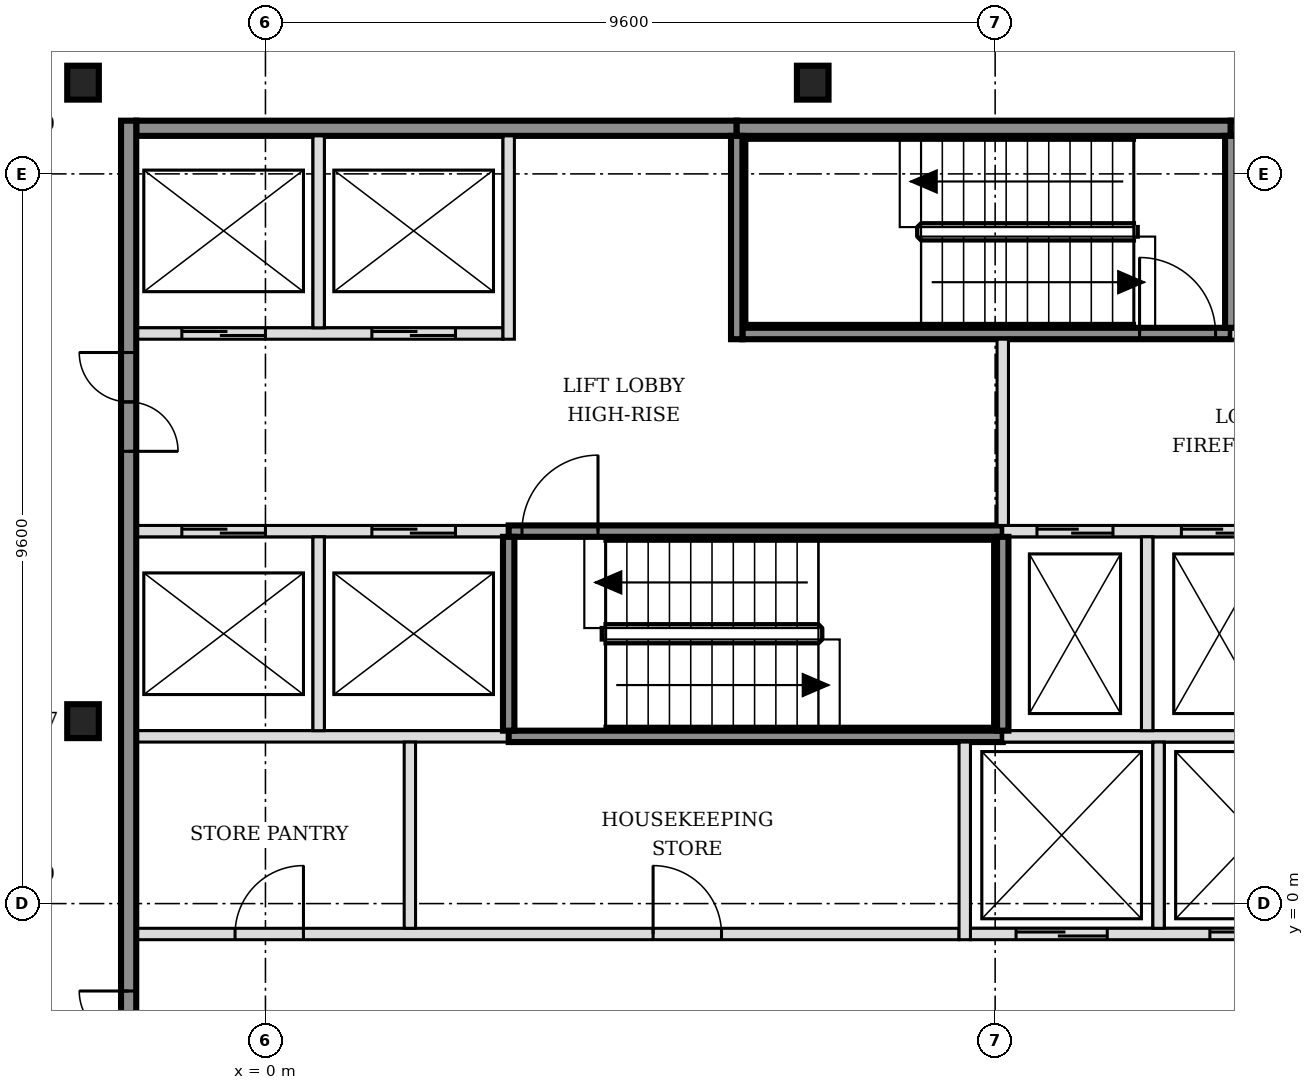
"""IFC4 building model, lengths in metres.
Left out: names, types, materials, properties, quantities, classifications, styles, units other than length and angle.
Written with IfcOpenShell. Run it as: python <this file> out.ifc"""

import sys

from ifc_helpers import new_model, si_unit, direction, frame, frame_2d, origin, origin_2d, place, context, subcontext, project, spatial, rectangle, i_section, extrude, element, fill, save


model = new_model("IFC4")
c1 = context("Model", 3, precision=1e-05, world=origin(), true_north=direction((0.0, 1.0)))
c2 = subcontext(c1, "Body", "Model", "MODEL_VIEW")
j1 = project(units=[si_unit("LENGTHUNIT", "METRE"), si_unit("PLANEANGLEUNIT", "RADIAN")], contexts=[c1])
p1 = place(None, origin())
s1 = spatial("IfcSite", under=j1, at=p1, CompositionType="ELEMENT")
p2 = place(p1, origin())
s2 = spatial("IfcBuilding", under=s1, at=p2, CompositionType="ELEMENT")
p3 = place(p2, frame((0.0, 0.0, 168.6)))
s3 = spatial("IfcBuildingStorey", under=s2, at=p3, CompositionType="ELEMENT", Elevation=168.6)
for number, where, z_axis, x_axis in (
    (1, (-2.4, 2.4, -0.15), (0.0, 0.0, 1.0), (1.0, 0.0, 0.0)),
    (2, (-2.4, 10.8, -0.15), (0.0, 0.0, 1.0), (1.0, 0.0, 0.0)),
    (3, (7.2, 10.8, -0.15), (0.0, 0.0, 1.0), (1.0, 0.0, 0.0)),
):
    element("IfcColumn", number, at=place(p3, frame(where, z_axis=z_axis, x_axis=x_axis)), inside=s3, PredefinedType="COLUMN", context=c2, shape_type="SweptSolid", body=[
        extrude(i_section(OverallWidth=0.416, OverallDepth=0.446, WebThickness=0.039, FlangeThickness=0.063, FilletRadius=0.015, at=origin_2d()), origin(), (0.0, 0.0, 1.0), 3.6),
    ])
p4 = place(p3, frame((-1.7, -0.4, 0.0), z_axis=(0.0, 0.0, 1.0), x_axis=(1.0, 0.0, 0.0)))
e4 = element("IfcWall", 4, at=p4, inside=s3, PredefinedType="PARTITIONING", context=c2, shape_type="SweptSolid", body=[
    extrude(rectangle(XDim=10.825, YDim=0.15, at=frame_2d((5.413, 0.0))), origin(), (0.0, 0.0, 1.0), 3.45),
])
p5 = place(p4, frame((1.3, 0.0, 0.0)))
e5 = element("IfcOpeningElement", 5, at=p5, cuts=e4, PredefinedType="OPENING", context=c2, shape_type="SweptSolid", body=[
    extrude(rectangle(XDim=0.9, YDim=2.1, at=frame_2d((0.45, 1.05))), frame((0.0, 0.085, 0.0), z_axis=(0.0, -1.0, 0.0), x_axis=(1.0, 0.0, 0.0)), (0.0, 0.0, 1.0), 0.17),
])
p6 = place(p4, frame((6.8, 0.0, 0.0)))
e6 = element("IfcOpeningElement", 6, at=p6, cuts=e4, PredefinedType="OPENING", context=c2, shape_type="SweptSolid", body=[
    extrude(rectangle(XDim=0.9, YDim=2.1, at=frame_2d((0.45, 1.05))), frame((0.0, 0.085, 0.0), z_axis=(0.0, -1.0, 0.0), x_axis=(1.0, 0.0, 0.0)), (0.0, 0.0, 1.0), 0.17),
])
p7 = place(p3, frame((9.275, -0.4, 0.0), z_axis=(0.0, 0.0, 1.0), x_axis=(1.0, 0.0, 0.0)))
e7 = element("IfcWall", 7, at=p7, inside=s3, PredefinedType="SOLIDWALL", context=c2, shape_type="SweptSolid", body=[
    extrude(rectangle(XDim=4.95, YDim=0.15, at=frame_2d((2.475, 0.0))), origin(), (0.0, 0.0, 1.0), 3.45),
])
p8 = place(p7, frame((0.6, 0.0, 0.0)))
e8 = element("IfcOpeningElement", 8, at=p8, cuts=e7, PredefinedType="OPENING", context=c2, shape_type="SweptSolid", body=[
    extrude(rectangle(XDim=1.2, YDim=2.1, at=frame_2d((0.6, 1.05))), frame((0.0, 0.085, 0.0), z_axis=(0.0, -1.0, 0.0), x_axis=(1.0, 0.0, 0.0)), (0.0, 0.0, 1.0), 0.17),
])
p9 = place(p7, frame((3.15, 0.0, 0.0)))
e9 = element("IfcOpeningElement", 9, at=p9, cuts=e7, PredefinedType="OPENING", context=c2, shape_type="SweptSolid", body=[
    extrude(rectangle(XDim=1.2, YDim=2.1, at=frame_2d((0.6, 1.05))), frame((0.0, 0.085, 0.0), z_axis=(0.0, -1.0, 0.0), x_axis=(1.0, 0.0, 0.0)), (0.0, 0.0, 1.0), 0.17),
])
p10 = place(p3, frame((-1.7, 2.2, 0.0), z_axis=(0.0, 0.0, 1.0), x_axis=(1.0, 0.0, 0.0)))
e10 = element("IfcWall", 10, at=p10, inside=s3, PredefinedType="SOLIDWALL", context=c2, shape_type="SweptSolid", body=[
    extrude(rectangle(XDim=4.9, YDim=0.15, at=frame_2d((2.45, 0.0))), origin(), (0.0, 0.0, 1.0), 3.45),
])
p11 = place(p3, frame((3.2, 2.2, 0.0), z_axis=(0.0, 0.0, 1.0), x_axis=(1.0, 0.0, 0.0)))
e11 = element("IfcWall", 11, at=p11, inside=s3, PredefinedType="SOLIDWALL", context=c2, shape_type="SweptSolid", body=[
    extrude(rectangle(XDim=6.5, YDim=0.15, at=frame_2d((3.25, 0.0))), origin(), (0.0, 0.0, 1.0), 3.45),
])
p12 = place(p3, frame((9.7, 2.2, 0.0), z_axis=(0.0, 0.0, 1.0), x_axis=(1.0, 0.0, 0.0)))
e12 = element("IfcWall", 12, at=p12, inside=s3, PredefinedType="SOLIDWALL", context=c2, shape_type="SweptSolid", body=[
    extrude(rectangle(XDim=4.525, YDim=0.15, at=frame_2d((2.263, 0.0))), origin(), (0.0, 0.0, 1.0), 3.45),
])
p13 = place(p3, frame((-1.7, 4.9, 0.0), z_axis=(0.0, 0.0, 1.0), x_axis=(1.0, 0.0, 0.0)))
e13 = element("IfcWall", 13, at=p13, inside=s3, PredefinedType="SOLIDWALL", context=c2, shape_type="SweptSolid", body=[
    extrude(rectangle(XDim=4.9, YDim=0.15, at=frame_2d((2.45, 0.0))), origin(), (0.0, 0.0, 1.0), 3.45),
])
p14 = place(p13, frame((0.6, 0.0, 0.0)))
e14 = element("IfcOpeningElement", 14, at=p14, cuts=e13, PredefinedType="OPENING", context=c2, shape_type="SweptSolid", body=[
    extrude(rectangle(XDim=1.1, YDim=2.1, at=frame_2d((0.55, 1.05))), frame((0.0, 0.085, 0.0), z_axis=(0.0, -1.0, 0.0), x_axis=(1.0, 0.0, 0.0)), (0.0, 0.0, 1.0), 0.17),
])
p15 = place(p13, frame((3.1, 0.0, 0.0)))
e15 = element("IfcOpeningElement", 15, at=p15, cuts=e13, PredefinedType="OPENING", context=c2, shape_type="SweptSolid", body=[
    extrude(rectangle(XDim=1.1, YDim=2.1, at=frame_2d((0.55, 1.05))), frame((0.0, 0.085, 0.0), z_axis=(0.0, -1.0, 0.0), x_axis=(1.0, 0.0, 0.0)), (0.0, 0.0, 1.0), 0.17),
])
p16 = place(p3, frame((3.2, 4.9, 0.0), z_axis=(0.0, 0.0, 1.0), x_axis=(1.0, 0.0, 0.0)))
e16 = element("IfcWall", 16, at=p16, inside=s3, PredefinedType="SOLIDWALL", context=c2, shape_type="SweptSolid", body=[
    extrude(rectangle(XDim=6.5, YDim=0.15, at=frame_2d((3.25, 0.0))), origin(), (0.0, 0.0, 1.0), 3.45),
])
p17 = place(p16, frame((0.175, 0.0, 0.0)))
e17 = element("IfcOpeningElement", 17, at=p17, cuts=e16, PredefinedType="OPENING", context=c2, shape_type="SweptSolid", body=[
    extrude(rectangle(XDim=1.0, YDim=2.1, at=frame_2d((0.5, 1.05))), frame((0.0, 0.085, 0.0), z_axis=(0.0, -1.0, 0.0), x_axis=(1.0, 0.0, 0.0)), (0.0, 0.0, 1.0), 0.17),
])
p18 = place(p3, frame((9.7, 4.9, 0.0), z_axis=(0.0, 0.0, 1.0), x_axis=(1.0, 0.0, 0.0)))
e18 = element("IfcWall", 18, at=p18, inside=s3, PredefinedType="SOLIDWALL", context=c2, shape_type="SweptSolid", body=[
    extrude(rectangle(XDim=6.4, YDim=0.15, at=frame_2d((3.2, 0.0))), origin(), (0.0, 0.0, 1.0), 3.45),
])
p19 = place(p18, frame((0.45, 0.0, 0.0)))
e19 = element("IfcOpeningElement", 19, at=p19, cuts=e18, PredefinedType="OPENING", context=c2, shape_type="SweptSolid", body=[
    extrude(rectangle(XDim=1.0, YDim=2.1, at=frame_2d((0.5, 1.05))), frame((0.0, 0.085, 0.0), z_axis=(0.0, -1.0, 0.0), x_axis=(1.0, 0.0, 0.0)), (0.0, 0.0, 1.0), 0.17),
])
p20 = place(p18, frame((2.35, 0.0, 0.0)))
e20 = element("IfcOpeningElement", 20, at=p20, cuts=e18, PredefinedType="OPENING", context=c2, shape_type="SweptSolid", body=[
    extrude(rectangle(XDim=1.0, YDim=2.1, at=frame_2d((0.5, 1.05))), frame((0.0, 0.085, 0.0), z_axis=(0.0, -1.0, 0.0), x_axis=(1.0, 0.0, 0.0)), (0.0, 0.0, 1.0), 0.17),
])
p21 = place(p18, frame((4.7, 0.0, 0.0)))
e21 = element("IfcOpeningElement", 21, at=p21, cuts=e18, PredefinedType="OPENING", context=c2, shape_type="SweptSolid", body=[
    extrude(rectangle(XDim=0.9, YDim=2.1, at=frame_2d((0.45, 1.05))), frame((0.0, 0.085, 0.0), z_axis=(0.0, -1.0, 0.0), x_axis=(1.0, 0.0, 0.0)), (0.0, 0.0, 1.0), 0.17),
])
p22 = place(p3, frame((-1.7, 7.5, 0.0), z_axis=(0.0, 0.0, 1.0), x_axis=(1.0, 0.0, 0.0)))
e22 = element("IfcWall", 22, at=p22, inside=s3, PredefinedType="SOLIDWALL", context=c2, shape_type="SweptSolid", body=[
    extrude(rectangle(XDim=4.825, YDim=0.15, at=frame_2d((2.413, 0.0))), origin(), (0.0, 0.0, 1.0), 3.45),
])
p23 = place(p22, frame((0.6, 0.0, 0.0)))
e23 = element("IfcOpeningElement", 23, at=p23, cuts=e22, PredefinedType="OPENING", context=c2, shape_type="SweptSolid", body=[
    extrude(rectangle(XDim=1.1, YDim=2.1, at=frame_2d((0.55, 1.05))), frame((0.0, 0.085, 0.0), z_axis=(0.0, -1.0, 0.0), x_axis=(1.0, 0.0, 0.0)), (0.0, 0.0, 1.0), 0.17),
])
p24 = place(p22, frame((3.1, 0.0, 0.0)))
e24 = element("IfcOpeningElement", 24, at=p24, cuts=e22, PredefinedType="OPENING", context=c2, shape_type="SweptSolid", body=[
    extrude(rectangle(XDim=1.1, YDim=2.1, at=frame_2d((0.55, 1.05))), frame((0.0, 0.085, 0.0), z_axis=(0.0, -1.0, 0.0), x_axis=(1.0, 0.0, 0.0)), (0.0, 0.0, 1.0), 0.17),
])
p25 = place(p3, frame((6.275, 7.5, 0.0), z_axis=(0.0, 0.0, 1.0), x_axis=(1.0, 0.0, 0.0)))
e25 = element("IfcWall", 25, at=p25, inside=s3, PredefinedType="SOLIDWALL", context=c2, shape_type="SweptSolid", body=[
    extrude(rectangle(XDim=6.425, YDim=0.15, at=frame_2d((3.212, 0.0))), origin(), (0.0, 0.0, 1.0), 3.45),
])
p26 = place(p25, frame((5.225, 0.0, 0.0)))
e26 = element("IfcOpeningElement", 26, at=p26, cuts=e25, PredefinedType="OPENING", context=c2, shape_type="SweptSolid", body=[
    extrude(rectangle(XDim=1.0, YDim=2.1, at=frame_2d((0.5, 1.05))), frame((0.0, 0.085, 0.0), z_axis=(0.0, -1.0, 0.0), x_axis=(1.0, 0.0, 0.0)), (0.0, 0.0, 1.0), 0.17),
])
p27 = place(p3, frame((12.7, 7.5, 0.0), z_axis=(0.0, 0.0, 1.0), x_axis=(1.0, 0.0, 0.0)))
e27 = element("IfcWall", 27, at=p27, inside=s3, PredefinedType="SOLIDWALL", context=c2, shape_type="SweptSolid", body=[
    extrude(rectangle(XDim=3.4, YDim=0.15, at=frame_2d((1.7, 0.0))), origin(), (0.0, 0.0, 1.0), 3.45),
])
p28 = place(p27, frame((1.3, 0.0, 0.0)))
e28 = element("IfcOpeningElement", 28, at=p28, cuts=e27, PredefinedType="OPENING", context=c2, shape_type="SweptSolid", body=[
    extrude(rectangle(XDim=0.9, YDim=2.1, at=frame_2d((0.45, 1.05))), frame((0.0, 0.085, 0.0), z_axis=(0.0, -1.0, 0.0), x_axis=(1.0, 0.0, 0.0)), (0.0, 0.0, 1.0), 0.17),
])
p29 = place(p3, frame((-1.7, 10.2, 0.0), z_axis=(0.0, 0.0, 1.0), x_axis=(1.0, 0.0, 0.0)))
e29 = element("IfcWall", 29, at=p29, inside=s3, PredefinedType="SOLIDWALL", context=c2, shape_type="SweptSolid", body=[
    extrude(rectangle(XDim=7.9, YDim=0.2, at=frame_2d((3.95, 0.0))), origin(), (0.0, 0.0, 1.0), 3.45),
])
p30 = place(p3, frame((6.2, 10.2, 0.0), z_axis=(0.0, 0.0, 1.0), x_axis=(1.0, 0.0, 0.0)))
e30 = element("IfcWall", 30, at=p30, inside=s3, PredefinedType="SOLIDWALL", context=c2, shape_type="SweptSolid", body=[
    extrude(rectangle(XDim=6.5, YDim=0.2, at=frame_2d((3.25, 0.0))), origin(), (0.0, 0.0, 1.0), 3.45),
])
p31 = place(p3, frame((12.7, 10.2, 0.0), z_axis=(0.0, 0.0, 1.0), x_axis=(1.0, 0.0, 0.0)))
e31 = element("IfcWall", 31, at=p31, inside=s3, PredefinedType="SOLIDWALL", context=c2, shape_type="SweptSolid", body=[
    extrude(rectangle(XDim=3.4, YDim=0.2, at=frame_2d((1.7, 0.0))), origin(), (0.0, 0.0, 1.0), 3.45),
])
p32 = place(p3, frame((-1.8, -5.5, 0.0), z_axis=(0.0, 0.0, 1.0), x_axis=(0.0, 1.0, 0.0)))
e32 = element("IfcWall", 32, at=p32, inside=s3, PredefinedType="SOLIDWALL", context=c2, shape_type="SweptSolid", body=[
    extrude(rectangle(XDim=15.8, YDim=0.2, at=frame_2d((7.9, 0.0))), origin(), (0.0, 0.0, 1.0), 3.45),
])
p33 = place(p32, frame((3.05, 0.0, 0.0)))
e33 = element("IfcOpeningElement", 33, at=p33, cuts=e32, PredefinedType="OPENING", context=c2, shape_type="SweptSolid", body=[
    extrude(rectangle(XDim=1.3, YDim=2.1, at=frame_2d((0.65, 1.05))), frame((0.0, 0.11, 0.0), z_axis=(0.0, -1.0, 0.0), x_axis=(1.0, 0.0, 0.0)), (0.0, 0.0, 1.0), 0.22),
])
p34 = place(p32, frame((11.45, 0.0, 0.0)))
e34 = element("IfcOpeningElement", 34, at=p34, cuts=e32, PredefinedType="OPENING", context=c2, shape_type="SweptSolid", body=[
    extrude(rectangle(XDim=1.3, YDim=2.1, at=frame_2d((0.65, 1.05))), frame((0.0, 0.11, 0.0), z_axis=(0.0, -1.0, 0.0), x_axis=(1.0, 0.0, 0.0)), (0.0, 0.0, 1.0), 0.22),
])
p35 = place(p3, frame((0.7, 2.275, 0.0), z_axis=(0.0, 0.0, 1.0), x_axis=(0.0, 1.0, 0.0)))
e35 = element("IfcWall", 35, at=p35, inside=s3, PredefinedType="SOLIDWALL", context=c2, shape_type="SweptSolid", body=[
    extrude(rectangle(XDim=2.55, YDim=0.15, at=frame_2d((1.275, 0.0))), origin(), (0.0, 0.0, 1.0), 3.45),
])
p36 = place(p3, frame((0.7, 7.575, 0.0), z_axis=(0.0, 0.0, 1.0), x_axis=(0.0, 1.0, 0.0)))
e36 = element("IfcWall", 36, at=p36, inside=s3, PredefinedType="SOLIDWALL", context=c2, shape_type="SweptSolid", body=[
    extrude(rectangle(XDim=2.525, YDim=0.15, at=frame_2d((1.263, 0.0))), origin(), (0.0, 0.0, 1.0), 3.45),
])
p37 = place(p3, frame((1.9, -0.325, 0.0), z_axis=(0.0, 0.0, 1.0), x_axis=(0.0, 1.0, 0.0)))
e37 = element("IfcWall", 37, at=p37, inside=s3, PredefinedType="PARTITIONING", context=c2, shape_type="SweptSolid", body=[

····················

Work instruction
For every line of the records above that holds the word "spatial", count one, and state the total only.

Response area
4